◆ Exercise material:
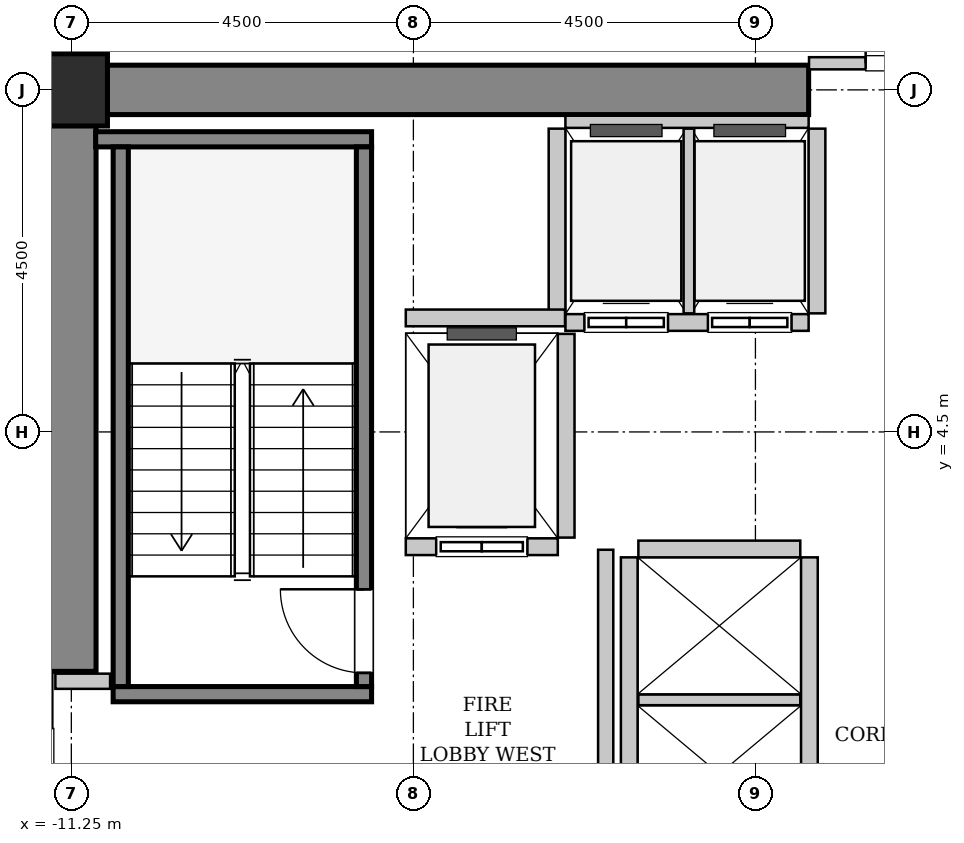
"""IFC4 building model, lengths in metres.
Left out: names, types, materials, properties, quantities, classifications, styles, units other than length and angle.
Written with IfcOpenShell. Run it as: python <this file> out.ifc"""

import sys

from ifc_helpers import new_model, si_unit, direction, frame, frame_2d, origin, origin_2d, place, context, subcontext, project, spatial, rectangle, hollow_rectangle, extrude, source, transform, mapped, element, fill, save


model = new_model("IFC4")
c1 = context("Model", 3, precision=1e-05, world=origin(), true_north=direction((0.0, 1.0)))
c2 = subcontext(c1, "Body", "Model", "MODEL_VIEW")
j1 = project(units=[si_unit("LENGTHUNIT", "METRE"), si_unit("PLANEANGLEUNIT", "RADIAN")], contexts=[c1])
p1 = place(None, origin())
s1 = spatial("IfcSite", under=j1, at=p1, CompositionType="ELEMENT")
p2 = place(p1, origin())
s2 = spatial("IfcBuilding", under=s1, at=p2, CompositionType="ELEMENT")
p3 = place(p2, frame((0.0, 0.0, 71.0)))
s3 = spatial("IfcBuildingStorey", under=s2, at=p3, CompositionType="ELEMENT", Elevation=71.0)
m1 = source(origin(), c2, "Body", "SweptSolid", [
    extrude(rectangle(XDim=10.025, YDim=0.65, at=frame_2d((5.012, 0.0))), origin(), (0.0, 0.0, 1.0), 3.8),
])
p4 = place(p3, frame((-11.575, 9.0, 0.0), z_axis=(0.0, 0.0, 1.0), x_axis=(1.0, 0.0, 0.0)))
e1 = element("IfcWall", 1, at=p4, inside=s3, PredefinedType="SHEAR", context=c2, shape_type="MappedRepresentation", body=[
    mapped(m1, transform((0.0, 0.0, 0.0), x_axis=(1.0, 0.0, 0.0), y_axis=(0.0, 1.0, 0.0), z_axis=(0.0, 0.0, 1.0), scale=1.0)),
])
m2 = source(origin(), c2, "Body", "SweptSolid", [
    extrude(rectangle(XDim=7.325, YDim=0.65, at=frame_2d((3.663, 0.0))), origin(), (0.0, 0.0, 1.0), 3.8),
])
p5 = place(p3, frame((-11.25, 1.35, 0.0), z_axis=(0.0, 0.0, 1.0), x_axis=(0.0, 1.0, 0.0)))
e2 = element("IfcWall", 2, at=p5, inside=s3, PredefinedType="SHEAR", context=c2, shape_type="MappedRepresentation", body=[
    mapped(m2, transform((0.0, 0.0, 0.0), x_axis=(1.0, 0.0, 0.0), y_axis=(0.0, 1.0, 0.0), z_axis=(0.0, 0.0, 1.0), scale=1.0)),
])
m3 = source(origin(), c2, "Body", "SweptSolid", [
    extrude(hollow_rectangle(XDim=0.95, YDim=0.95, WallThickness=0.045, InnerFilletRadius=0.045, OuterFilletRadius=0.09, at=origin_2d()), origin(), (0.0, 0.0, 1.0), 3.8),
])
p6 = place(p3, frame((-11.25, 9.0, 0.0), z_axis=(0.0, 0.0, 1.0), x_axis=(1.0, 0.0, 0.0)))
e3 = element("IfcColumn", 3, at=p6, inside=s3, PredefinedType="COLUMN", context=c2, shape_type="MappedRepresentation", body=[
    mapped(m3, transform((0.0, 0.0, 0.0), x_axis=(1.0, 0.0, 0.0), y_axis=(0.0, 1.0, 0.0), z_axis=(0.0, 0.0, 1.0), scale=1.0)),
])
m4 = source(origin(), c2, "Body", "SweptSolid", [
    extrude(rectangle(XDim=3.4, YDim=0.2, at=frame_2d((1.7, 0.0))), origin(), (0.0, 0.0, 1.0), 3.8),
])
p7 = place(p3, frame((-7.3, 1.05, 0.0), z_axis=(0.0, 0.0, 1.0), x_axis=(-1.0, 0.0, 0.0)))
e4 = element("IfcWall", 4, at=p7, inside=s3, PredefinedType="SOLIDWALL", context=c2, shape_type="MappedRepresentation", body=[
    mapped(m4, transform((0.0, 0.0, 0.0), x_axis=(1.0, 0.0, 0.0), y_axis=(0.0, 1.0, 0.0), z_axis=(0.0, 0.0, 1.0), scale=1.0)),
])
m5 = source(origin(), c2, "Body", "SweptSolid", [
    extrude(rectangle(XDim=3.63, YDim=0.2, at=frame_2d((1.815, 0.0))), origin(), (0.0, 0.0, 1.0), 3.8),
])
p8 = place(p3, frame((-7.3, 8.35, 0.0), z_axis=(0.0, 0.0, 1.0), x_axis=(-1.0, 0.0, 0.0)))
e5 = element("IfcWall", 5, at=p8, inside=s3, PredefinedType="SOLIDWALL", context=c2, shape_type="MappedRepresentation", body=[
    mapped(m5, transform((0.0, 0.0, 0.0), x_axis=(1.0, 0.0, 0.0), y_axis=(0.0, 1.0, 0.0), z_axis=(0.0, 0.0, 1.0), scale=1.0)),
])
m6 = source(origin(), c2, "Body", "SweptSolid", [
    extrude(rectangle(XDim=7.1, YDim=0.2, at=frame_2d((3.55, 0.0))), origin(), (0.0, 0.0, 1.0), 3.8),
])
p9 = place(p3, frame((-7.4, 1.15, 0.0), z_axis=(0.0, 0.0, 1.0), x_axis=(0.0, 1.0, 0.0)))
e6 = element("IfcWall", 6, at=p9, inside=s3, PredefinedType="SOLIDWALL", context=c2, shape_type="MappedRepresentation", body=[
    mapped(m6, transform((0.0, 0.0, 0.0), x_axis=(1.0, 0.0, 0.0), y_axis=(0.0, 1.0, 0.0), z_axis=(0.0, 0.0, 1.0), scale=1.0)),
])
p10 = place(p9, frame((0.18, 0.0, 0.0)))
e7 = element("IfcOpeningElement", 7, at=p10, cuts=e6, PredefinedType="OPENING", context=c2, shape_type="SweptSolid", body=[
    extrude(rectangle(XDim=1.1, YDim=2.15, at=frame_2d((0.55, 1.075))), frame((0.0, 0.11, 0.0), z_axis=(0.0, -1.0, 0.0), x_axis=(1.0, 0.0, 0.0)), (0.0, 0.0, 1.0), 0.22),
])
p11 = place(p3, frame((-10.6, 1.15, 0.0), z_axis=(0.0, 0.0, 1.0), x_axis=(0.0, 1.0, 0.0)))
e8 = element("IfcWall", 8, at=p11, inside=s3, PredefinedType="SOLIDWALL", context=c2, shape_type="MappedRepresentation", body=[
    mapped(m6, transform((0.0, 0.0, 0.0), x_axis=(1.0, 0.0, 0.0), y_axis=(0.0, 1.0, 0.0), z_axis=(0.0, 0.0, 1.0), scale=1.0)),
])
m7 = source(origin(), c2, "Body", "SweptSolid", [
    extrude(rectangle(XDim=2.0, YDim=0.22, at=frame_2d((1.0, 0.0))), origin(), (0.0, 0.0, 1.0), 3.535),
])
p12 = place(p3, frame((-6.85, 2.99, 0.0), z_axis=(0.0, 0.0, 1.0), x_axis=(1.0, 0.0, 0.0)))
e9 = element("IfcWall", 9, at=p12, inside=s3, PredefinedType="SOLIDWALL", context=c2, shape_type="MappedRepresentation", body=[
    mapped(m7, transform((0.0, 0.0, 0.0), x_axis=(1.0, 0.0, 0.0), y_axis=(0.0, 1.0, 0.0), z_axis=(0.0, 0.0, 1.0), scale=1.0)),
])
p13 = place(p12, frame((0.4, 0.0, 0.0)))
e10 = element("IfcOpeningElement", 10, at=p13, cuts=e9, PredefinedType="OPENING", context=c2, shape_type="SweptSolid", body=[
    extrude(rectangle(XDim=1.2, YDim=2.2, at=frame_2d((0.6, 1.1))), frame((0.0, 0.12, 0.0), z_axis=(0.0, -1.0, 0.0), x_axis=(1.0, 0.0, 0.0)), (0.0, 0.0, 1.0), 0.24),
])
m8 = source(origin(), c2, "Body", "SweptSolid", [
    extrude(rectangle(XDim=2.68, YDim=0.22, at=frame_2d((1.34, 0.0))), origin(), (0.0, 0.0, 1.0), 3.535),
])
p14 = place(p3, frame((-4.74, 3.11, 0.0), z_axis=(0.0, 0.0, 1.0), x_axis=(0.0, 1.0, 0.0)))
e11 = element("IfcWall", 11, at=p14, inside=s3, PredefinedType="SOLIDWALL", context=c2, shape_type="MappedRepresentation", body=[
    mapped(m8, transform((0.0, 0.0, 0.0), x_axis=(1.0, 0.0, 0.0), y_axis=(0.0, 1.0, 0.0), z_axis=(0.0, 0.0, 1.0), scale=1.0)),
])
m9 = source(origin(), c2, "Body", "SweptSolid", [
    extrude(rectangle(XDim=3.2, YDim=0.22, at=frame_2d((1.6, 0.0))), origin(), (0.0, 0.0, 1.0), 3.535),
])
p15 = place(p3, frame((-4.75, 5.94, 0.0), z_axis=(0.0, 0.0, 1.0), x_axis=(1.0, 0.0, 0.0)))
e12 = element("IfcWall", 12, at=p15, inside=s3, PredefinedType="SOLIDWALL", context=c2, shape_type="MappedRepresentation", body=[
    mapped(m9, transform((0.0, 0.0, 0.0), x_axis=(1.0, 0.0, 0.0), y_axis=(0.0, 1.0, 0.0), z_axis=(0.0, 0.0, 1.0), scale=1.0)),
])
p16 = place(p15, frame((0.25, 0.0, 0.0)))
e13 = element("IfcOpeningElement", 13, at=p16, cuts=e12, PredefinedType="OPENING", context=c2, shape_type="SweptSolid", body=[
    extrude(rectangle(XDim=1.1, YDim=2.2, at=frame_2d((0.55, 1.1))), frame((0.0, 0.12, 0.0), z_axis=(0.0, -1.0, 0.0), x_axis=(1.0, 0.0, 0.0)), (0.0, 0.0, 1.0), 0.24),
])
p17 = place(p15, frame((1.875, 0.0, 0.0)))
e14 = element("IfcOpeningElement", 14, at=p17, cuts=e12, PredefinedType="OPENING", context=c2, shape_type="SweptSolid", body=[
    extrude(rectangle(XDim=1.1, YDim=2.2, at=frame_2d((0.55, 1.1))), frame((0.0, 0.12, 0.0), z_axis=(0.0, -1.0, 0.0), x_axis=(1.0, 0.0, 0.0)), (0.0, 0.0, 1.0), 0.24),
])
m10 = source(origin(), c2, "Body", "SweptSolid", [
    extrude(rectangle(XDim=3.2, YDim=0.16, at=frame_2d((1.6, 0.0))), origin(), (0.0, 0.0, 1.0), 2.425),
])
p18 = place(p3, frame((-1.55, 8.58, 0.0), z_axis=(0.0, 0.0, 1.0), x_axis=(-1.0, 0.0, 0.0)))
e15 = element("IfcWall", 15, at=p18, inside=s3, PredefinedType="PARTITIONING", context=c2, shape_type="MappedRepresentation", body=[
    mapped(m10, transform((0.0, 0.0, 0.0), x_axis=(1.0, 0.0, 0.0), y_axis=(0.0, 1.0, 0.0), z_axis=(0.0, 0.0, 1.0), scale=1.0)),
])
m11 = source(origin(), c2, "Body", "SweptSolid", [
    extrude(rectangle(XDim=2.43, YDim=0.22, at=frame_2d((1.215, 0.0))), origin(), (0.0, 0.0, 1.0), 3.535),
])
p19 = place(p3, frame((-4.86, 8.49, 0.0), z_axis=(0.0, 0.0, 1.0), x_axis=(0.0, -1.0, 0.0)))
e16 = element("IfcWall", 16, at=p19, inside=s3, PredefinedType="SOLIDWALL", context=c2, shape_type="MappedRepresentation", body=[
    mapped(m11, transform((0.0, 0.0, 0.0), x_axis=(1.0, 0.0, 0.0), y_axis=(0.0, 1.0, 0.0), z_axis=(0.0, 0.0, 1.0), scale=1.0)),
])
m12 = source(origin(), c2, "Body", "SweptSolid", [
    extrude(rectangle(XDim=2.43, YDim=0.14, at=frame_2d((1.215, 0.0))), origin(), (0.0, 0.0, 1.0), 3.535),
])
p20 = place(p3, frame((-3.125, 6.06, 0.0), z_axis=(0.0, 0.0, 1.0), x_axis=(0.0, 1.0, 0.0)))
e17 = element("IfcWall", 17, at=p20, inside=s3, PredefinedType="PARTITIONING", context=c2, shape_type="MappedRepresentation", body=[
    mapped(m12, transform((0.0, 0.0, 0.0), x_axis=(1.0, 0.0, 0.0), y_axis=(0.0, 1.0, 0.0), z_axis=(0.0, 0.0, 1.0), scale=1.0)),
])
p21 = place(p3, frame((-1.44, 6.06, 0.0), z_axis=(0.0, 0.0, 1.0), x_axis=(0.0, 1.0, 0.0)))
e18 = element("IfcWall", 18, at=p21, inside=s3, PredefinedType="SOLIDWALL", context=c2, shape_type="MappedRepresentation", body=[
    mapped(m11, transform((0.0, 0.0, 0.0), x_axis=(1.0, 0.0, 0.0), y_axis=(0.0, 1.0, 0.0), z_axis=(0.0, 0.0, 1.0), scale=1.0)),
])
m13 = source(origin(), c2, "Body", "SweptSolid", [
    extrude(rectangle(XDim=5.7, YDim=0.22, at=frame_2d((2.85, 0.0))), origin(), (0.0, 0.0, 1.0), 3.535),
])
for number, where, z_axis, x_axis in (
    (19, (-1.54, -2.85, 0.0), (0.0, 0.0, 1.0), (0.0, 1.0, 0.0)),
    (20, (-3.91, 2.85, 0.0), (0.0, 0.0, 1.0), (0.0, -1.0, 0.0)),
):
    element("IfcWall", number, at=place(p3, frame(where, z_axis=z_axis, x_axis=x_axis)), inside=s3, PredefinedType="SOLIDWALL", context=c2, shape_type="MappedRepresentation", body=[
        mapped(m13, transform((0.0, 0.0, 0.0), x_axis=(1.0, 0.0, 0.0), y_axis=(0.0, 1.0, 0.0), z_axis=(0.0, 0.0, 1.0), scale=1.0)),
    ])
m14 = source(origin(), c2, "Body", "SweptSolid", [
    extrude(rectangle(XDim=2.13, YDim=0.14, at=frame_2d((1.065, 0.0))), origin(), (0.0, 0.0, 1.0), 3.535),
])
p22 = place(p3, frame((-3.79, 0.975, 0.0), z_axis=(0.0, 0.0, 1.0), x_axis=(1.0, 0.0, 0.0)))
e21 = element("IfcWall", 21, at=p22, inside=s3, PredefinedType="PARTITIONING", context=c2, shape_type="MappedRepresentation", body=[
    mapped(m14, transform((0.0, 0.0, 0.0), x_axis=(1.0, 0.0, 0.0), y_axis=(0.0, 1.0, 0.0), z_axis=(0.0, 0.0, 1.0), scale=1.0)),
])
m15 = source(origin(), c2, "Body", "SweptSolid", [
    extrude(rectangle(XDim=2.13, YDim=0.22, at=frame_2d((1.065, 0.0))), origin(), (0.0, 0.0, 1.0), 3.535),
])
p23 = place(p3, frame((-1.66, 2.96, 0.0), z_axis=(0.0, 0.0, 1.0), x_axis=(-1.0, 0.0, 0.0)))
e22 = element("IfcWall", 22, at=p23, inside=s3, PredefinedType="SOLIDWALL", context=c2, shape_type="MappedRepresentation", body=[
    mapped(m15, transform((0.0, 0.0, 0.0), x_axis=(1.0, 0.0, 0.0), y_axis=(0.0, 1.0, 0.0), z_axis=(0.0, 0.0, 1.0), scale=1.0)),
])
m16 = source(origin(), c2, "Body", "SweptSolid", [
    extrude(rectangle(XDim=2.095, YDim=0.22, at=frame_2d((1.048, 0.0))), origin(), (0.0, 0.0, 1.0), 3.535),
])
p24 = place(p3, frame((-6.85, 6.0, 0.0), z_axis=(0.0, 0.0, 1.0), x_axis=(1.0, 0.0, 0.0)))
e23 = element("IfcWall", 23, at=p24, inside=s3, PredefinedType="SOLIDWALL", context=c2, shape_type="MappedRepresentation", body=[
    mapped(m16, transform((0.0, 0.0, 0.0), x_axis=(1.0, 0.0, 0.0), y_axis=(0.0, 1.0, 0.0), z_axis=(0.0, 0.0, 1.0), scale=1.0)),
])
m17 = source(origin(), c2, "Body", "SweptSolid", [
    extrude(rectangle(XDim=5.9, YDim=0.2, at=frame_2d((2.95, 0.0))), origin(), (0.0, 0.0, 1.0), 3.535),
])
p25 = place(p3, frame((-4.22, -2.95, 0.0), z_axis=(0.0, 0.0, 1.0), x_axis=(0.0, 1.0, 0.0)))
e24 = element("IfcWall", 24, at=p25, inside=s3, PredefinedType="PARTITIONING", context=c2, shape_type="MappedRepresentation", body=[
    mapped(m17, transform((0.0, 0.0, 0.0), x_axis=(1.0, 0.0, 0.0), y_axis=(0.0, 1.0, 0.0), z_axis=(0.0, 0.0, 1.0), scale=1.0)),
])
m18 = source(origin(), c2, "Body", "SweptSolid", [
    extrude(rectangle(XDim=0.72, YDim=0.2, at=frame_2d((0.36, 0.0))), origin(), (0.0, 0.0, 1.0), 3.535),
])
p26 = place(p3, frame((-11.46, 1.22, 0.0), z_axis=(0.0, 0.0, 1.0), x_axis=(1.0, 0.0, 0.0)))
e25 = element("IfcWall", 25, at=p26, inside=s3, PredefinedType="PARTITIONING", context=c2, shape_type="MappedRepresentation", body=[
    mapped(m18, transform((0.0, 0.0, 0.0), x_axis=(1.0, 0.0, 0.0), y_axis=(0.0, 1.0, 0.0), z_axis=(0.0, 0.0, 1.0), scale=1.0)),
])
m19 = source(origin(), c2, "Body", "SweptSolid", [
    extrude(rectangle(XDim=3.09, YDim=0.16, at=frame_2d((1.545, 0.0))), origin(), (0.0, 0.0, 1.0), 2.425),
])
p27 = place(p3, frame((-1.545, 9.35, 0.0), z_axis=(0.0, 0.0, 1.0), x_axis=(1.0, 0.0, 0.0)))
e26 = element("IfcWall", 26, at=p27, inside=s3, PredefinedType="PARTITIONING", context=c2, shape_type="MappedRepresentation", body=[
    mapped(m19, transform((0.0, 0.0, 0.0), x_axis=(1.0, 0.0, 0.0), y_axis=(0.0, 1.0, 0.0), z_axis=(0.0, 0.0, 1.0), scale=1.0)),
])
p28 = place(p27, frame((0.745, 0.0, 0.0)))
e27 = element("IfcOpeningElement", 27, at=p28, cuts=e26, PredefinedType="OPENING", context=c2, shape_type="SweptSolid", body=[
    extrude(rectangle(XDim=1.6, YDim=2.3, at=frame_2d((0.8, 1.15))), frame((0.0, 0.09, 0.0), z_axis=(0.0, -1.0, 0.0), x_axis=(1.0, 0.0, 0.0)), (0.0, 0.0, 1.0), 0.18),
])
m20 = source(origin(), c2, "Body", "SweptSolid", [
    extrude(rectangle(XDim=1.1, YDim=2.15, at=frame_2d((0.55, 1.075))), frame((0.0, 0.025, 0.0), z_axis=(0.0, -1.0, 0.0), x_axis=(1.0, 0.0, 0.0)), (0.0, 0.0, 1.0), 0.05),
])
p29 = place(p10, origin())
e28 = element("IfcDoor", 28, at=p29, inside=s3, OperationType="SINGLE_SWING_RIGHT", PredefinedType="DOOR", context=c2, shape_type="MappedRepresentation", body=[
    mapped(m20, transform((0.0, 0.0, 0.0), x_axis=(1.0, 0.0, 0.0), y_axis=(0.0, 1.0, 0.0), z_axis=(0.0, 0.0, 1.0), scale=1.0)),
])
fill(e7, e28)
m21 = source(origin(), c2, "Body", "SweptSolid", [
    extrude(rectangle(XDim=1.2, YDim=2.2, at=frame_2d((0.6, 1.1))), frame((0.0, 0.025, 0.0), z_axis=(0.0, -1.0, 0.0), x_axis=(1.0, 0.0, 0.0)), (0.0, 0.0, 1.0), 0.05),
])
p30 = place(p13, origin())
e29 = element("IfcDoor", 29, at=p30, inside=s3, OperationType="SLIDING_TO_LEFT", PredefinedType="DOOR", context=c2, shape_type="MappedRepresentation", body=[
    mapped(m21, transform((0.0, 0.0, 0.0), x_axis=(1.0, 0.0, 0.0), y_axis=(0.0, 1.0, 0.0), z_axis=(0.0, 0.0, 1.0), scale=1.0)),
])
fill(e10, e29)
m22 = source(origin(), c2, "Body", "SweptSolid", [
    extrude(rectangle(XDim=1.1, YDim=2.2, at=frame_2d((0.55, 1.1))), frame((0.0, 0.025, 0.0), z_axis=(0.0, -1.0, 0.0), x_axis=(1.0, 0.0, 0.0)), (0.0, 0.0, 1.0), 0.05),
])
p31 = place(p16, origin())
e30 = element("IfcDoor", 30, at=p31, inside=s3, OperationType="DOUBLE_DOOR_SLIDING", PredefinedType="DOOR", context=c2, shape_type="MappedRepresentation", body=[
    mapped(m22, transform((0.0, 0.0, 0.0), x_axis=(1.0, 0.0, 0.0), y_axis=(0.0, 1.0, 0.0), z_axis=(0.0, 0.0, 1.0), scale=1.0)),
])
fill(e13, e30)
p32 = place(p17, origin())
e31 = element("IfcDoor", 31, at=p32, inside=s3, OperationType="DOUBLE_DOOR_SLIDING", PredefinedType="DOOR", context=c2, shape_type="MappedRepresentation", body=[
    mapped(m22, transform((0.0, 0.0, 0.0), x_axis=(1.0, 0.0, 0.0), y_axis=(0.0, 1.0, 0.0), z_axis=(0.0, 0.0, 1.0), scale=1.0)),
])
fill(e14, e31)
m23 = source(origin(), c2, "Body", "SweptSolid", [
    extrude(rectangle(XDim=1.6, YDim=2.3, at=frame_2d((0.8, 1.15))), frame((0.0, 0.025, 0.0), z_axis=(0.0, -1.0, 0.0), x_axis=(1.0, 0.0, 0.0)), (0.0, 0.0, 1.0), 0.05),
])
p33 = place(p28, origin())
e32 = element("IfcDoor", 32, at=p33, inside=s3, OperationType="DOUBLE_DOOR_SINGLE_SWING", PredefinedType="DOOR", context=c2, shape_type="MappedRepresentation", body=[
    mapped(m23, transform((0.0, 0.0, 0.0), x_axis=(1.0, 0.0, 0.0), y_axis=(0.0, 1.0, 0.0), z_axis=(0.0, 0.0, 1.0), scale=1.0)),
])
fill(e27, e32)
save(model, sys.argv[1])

◆ Problem statement:
Each line in the listing that contains "direction" should be returned.

◆ Result:
from ifc_helpers import new_model, si_unit, direction, frame, frame_2d, origin, origin_2d, place, context, subcontext, project, spatial, rectangle, hollow_rectangle, extrude, source, transform, mapped, element, fill, save
c1 = context("Model", 3, precision=1e-05, world=origin(), true_north=direction((0.0, 1.0)))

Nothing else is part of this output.